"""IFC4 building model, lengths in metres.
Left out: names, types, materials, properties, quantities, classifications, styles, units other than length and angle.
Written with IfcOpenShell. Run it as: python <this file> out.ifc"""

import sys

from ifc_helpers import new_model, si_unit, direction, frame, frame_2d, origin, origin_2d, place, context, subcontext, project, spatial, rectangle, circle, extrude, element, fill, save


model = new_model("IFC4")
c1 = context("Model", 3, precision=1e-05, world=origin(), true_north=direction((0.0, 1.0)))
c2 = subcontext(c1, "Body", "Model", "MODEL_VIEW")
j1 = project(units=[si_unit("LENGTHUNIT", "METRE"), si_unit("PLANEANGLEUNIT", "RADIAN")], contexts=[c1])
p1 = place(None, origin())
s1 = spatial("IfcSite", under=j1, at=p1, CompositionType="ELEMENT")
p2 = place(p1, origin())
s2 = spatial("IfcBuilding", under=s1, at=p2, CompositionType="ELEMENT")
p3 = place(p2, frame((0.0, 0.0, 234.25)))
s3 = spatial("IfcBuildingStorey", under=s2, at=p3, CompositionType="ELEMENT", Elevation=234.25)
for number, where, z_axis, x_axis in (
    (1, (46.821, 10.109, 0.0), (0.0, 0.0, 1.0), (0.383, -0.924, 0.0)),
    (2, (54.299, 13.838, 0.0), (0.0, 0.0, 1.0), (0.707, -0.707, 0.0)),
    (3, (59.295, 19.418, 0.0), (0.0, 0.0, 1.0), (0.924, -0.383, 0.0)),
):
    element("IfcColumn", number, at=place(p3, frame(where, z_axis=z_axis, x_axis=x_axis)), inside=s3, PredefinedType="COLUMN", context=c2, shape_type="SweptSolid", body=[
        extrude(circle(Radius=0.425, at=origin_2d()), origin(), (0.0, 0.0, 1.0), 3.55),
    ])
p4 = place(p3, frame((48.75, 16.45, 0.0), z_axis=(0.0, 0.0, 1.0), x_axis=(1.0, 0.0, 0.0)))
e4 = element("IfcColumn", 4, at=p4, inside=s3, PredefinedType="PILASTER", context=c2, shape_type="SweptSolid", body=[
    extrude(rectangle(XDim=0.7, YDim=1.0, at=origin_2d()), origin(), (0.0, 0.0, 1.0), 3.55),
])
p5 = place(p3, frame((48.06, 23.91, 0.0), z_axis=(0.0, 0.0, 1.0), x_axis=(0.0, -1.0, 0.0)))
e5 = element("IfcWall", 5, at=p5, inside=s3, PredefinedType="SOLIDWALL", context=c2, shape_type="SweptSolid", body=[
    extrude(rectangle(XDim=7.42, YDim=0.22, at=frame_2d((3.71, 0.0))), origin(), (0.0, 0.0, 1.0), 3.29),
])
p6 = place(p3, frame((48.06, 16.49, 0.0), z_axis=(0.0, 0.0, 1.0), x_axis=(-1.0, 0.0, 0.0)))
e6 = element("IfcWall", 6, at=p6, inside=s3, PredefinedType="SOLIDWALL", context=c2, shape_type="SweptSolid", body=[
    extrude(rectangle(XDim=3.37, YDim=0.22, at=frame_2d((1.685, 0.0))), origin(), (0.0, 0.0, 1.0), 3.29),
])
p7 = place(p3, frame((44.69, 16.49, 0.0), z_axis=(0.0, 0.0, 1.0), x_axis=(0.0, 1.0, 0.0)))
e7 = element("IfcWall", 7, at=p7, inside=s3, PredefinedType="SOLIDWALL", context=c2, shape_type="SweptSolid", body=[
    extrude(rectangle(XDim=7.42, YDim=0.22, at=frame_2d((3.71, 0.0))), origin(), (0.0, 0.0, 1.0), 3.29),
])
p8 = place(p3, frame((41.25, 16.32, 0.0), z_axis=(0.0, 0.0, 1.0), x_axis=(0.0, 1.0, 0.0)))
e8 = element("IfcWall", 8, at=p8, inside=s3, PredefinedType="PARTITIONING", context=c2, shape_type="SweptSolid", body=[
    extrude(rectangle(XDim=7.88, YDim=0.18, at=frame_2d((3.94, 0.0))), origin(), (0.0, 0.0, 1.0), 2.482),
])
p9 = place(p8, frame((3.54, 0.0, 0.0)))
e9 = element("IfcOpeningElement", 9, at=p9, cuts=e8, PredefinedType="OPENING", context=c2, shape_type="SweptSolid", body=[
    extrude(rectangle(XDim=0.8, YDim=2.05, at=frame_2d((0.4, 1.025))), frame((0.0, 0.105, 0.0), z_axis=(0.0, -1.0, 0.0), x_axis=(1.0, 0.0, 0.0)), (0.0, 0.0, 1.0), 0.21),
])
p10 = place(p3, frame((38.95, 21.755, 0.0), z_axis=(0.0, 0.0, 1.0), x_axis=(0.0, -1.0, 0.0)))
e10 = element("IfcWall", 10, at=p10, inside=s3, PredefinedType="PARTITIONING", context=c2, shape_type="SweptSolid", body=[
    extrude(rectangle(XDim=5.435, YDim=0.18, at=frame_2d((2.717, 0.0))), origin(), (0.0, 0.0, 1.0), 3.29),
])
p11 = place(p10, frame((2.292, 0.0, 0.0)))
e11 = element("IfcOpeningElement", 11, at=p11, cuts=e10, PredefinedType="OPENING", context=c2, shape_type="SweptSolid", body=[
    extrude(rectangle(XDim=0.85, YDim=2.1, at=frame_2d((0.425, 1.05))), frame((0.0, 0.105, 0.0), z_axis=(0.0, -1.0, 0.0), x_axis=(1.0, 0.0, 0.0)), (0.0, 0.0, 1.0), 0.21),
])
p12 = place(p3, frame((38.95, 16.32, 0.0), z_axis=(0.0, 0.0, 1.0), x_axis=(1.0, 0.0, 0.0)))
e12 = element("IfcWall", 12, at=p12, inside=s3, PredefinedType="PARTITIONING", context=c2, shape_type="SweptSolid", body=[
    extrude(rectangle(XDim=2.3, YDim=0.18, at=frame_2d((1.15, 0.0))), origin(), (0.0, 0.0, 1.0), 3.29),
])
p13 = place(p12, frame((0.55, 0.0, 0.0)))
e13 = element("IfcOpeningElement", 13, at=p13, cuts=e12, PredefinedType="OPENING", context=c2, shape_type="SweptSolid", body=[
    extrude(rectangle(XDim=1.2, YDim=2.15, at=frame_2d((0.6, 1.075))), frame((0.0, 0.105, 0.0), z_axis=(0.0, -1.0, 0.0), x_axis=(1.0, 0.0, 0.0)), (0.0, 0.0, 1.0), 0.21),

### Exercise description
Take the listing above and write it out again exactly.

### Final answer
"""IFC4 building model, lengths in metres.
Left out: names, types, materials, properties, quantities, classifications, styles, units other than length and angle.
Written with IfcOpenShell. Run it as: python <this file> out.ifc"""

import sys

from ifc_helpers import new_model, si_unit, direction, frame, frame_2d, origin, origin_2d, place, context, subcontext, project, spatial, rectangle, circle, extrude, element, fill, save


model = new_model("IFC4")
c1 = context("Model", 3, precision=1e-05, world=origin(), true_north=direction((0.0, 1.0)))
c2 = subcontext(c1, "Body", "Model", "MODEL_VIEW")
j1 = project(units=[si_unit("LENGTHUNIT", "METRE"), si_unit("PLANEANGLEUNIT", "RADIAN")], contexts=[c1])
p1 = place(None, origin())
s1 = spatial("IfcSite", under=j1, at=p1, CompositionType="ELEMENT")
p2 = place(p1, origin())
s2 = spatial("IfcBuilding", under=s1, at=p2, CompositionType="ELEMENT")
p3 = place(p2, frame((0.0, 0.0, 234.25)))
s3 = spatial("IfcBuildingStorey", under=s2, at=p3, CompositionType="ELEMENT", Elevation=234.25)
for number, where, z_axis, x_axis in (
    (1, (46.821, 10.109, 0.0), (0.0, 0.0, 1.0), (0.383, -0.924, 0.0)),
    (2, (54.299, 13.838, 0.0), (0.0, 0.0, 1.0), (0.707, -0.707, 0.0)),
    (3, (59.295, 19.418, 0.0), (0.0, 0.0, 1.0), (0.924, -0.383, 0.0)),
):
    element("IfcColumn", number, at=place(p3, frame(where, z_axis=z_axis, x_axis=x_axis)), inside=s3, PredefinedType="COLUMN", context=c2, shape_type="SweptSolid", body=[
        extrude(circle(Radius=0.425, at=origin_2d()), origin(), (0.0, 0.0, 1.0), 3.55),
    ])
p4 = place(p3, frame((48.75, 16.45, 0.0), z_axis=(0.0, 0.0, 1.0), x_axis=(1.0, 0.0, 0.0)))
e4 = element("IfcColumn", 4, at=p4, inside=s3, PredefinedType="PILASTER", context=c2, shape_type="SweptSolid", body=[
    extrude(rectangle(XDim=0.7, YDim=1.0, at=origin_2d()), origin(), (0.0, 0.0, 1.0), 3.55),
])
p5 = place(p3, frame((48.06, 23.91, 0.0), z_axis=(0.0, 0.0, 1.0), x_axis=(0.0, -1.0, 0.0)))
e5 = element("IfcWall", 5, at=p5, inside=s3, PredefinedType="SOLIDWALL", context=c2, shape_type="SweptSolid", body=[
    extrude(rectangle(XDim=7.42, YDim=0.22, at=frame_2d((3.71, 0.0))), origin(), (0.0, 0.0, 1.0), 3.29),
])
p6 = place(p3, frame((48.06, 16.49, 0.0), z_axis=(0.0, 0.0, 1.0), x_axis=(-1.0, 0.0, 0.0)))
e6 = element("IfcWall", 6, at=p6, inside=s3, PredefinedType="SOLIDWALL", context=c2, shape_type="SweptSolid", body=[
    extrude(rectangle(XDim=3.37, YDim=0.22, at=frame_2d((1.685, 0.0))), origin(), (0.0, 0.0, 1.0), 3.29),
])
p7 = place(p3, frame((44.69, 16.49, 0.0), z_axis=(0.0, 0.0, 1.0), x_axis=(0.0, 1.0, 0.0)))
e7 = element("IfcWall", 7, at=p7, inside=s3, PredefinedType="SOLIDWALL", context=c2, shape_type="SweptSolid", body=[
    extrude(rectangle(XDim=7.42, YDim=0.22, at=frame_2d((3.71, 0.0))), origin(), (0.0, 0.0, 1.0), 3.29),
])
p8 = place(p3, frame((41.25, 16.32, 0.0), z_axis=(0.0, 0.0, 1.0), x_axis=(0.0, 1.0, 0.0)))
e8 = element("IfcWall", 8, at=p8, inside=s3, PredefinedType="PARTITIONING", context=c2, shape_type="SweptSolid", body=[
    extrude(rectangle(XDim=7.88, YDim=0.18, at=frame_2d((3.94, 0.0))), origin(), (0.0, 0.0, 1.0), 2.482),
])
p9 = place(p8, frame((3.54, 0.0, 0.0)))
e9 = element("IfcOpeningElement", 9, at=p9, cuts=e8, PredefinedType="OPENING", context=c2, shape_type="SweptSolid", body=[
    extrude(rectangle(XDim=0.8, YDim=2.05, at=frame_2d((0.4, 1.025))), frame((0.0, 0.105, 0.0), z_axis=(0.0, -1.0, 0.0), x_axis=(1.0, 0.0, 0.0)), (0.0, 0.0, 1.0), 0.21),
])
p10 = place(p3, frame((38.95, 21.755, 0.0), z_axis=(0.0, 0.0, 1.0), x_axis=(0.0, -1.0, 0.0)))
e10 = element("IfcWall", 10, at=p10, inside=s3, PredefinedType="PARTITIONING", context=c2, shape_type="SweptSolid", body=[
    extrude(rectangle(XDim=5.435, YDim=0.18, at=frame_2d((2.717, 0.0))), origin(), (0.0, 0.0, 1.0), 3.29),
])
p11 = place(p10, frame((2.292, 0.0, 0.0)))
e11 = element("IfcOpeningElement", 11, at=p11, cuts=e10, PredefinedType="OPENING", context=c2, shape_type="SweptSolid", body=[
    extrude(rectangle(XDim=0.85, YDim=2.1, at=frame_2d((0.425, 1.05))), frame((0.0, 0.105, 0.0), z_axis=(0.0, -1.0, 0.0), x_axis=(1.0, 0.0, 0.0)), (0.0, 0.0, 1.0), 0.21),
])
p12 = place(p3, frame((38.95, 16.32, 0.0), z_axis=(0.0, 0.0, 1.0), x_axis=(1.0, 0.0, 0.0)))
e12 = element("IfcWall", 12, at=p12, inside=s3, PredefinedType="PARTITIONING", context=c2, shape_type="SweptSolid", body=[
    extrude(rectangle(XDim=2.3, YDim=0.18, at=frame_2d((1.15, 0.0))), origin(), (0.0, 0.0, 1.0), 3.29),
])
p13 = place(p12, frame((0.55, 0.0, 0.0)))
e13 = element("IfcOpeningElement", 13, at=p13, cuts=e12, PredefinedType="OPENING", context=c2, shape_type="SweptSolid", body=[
    extrude(rectangle(XDim=1.2, YDim=2.15, at=frame_2d((0.6, 1.075))), frame((0.0, 0.105, 0.0), z_axis=(0.0, -1.0, 0.0), x_axis=(1.0, 0.0, 0.0)), (0.0, 0.0, 1.0), 0.21),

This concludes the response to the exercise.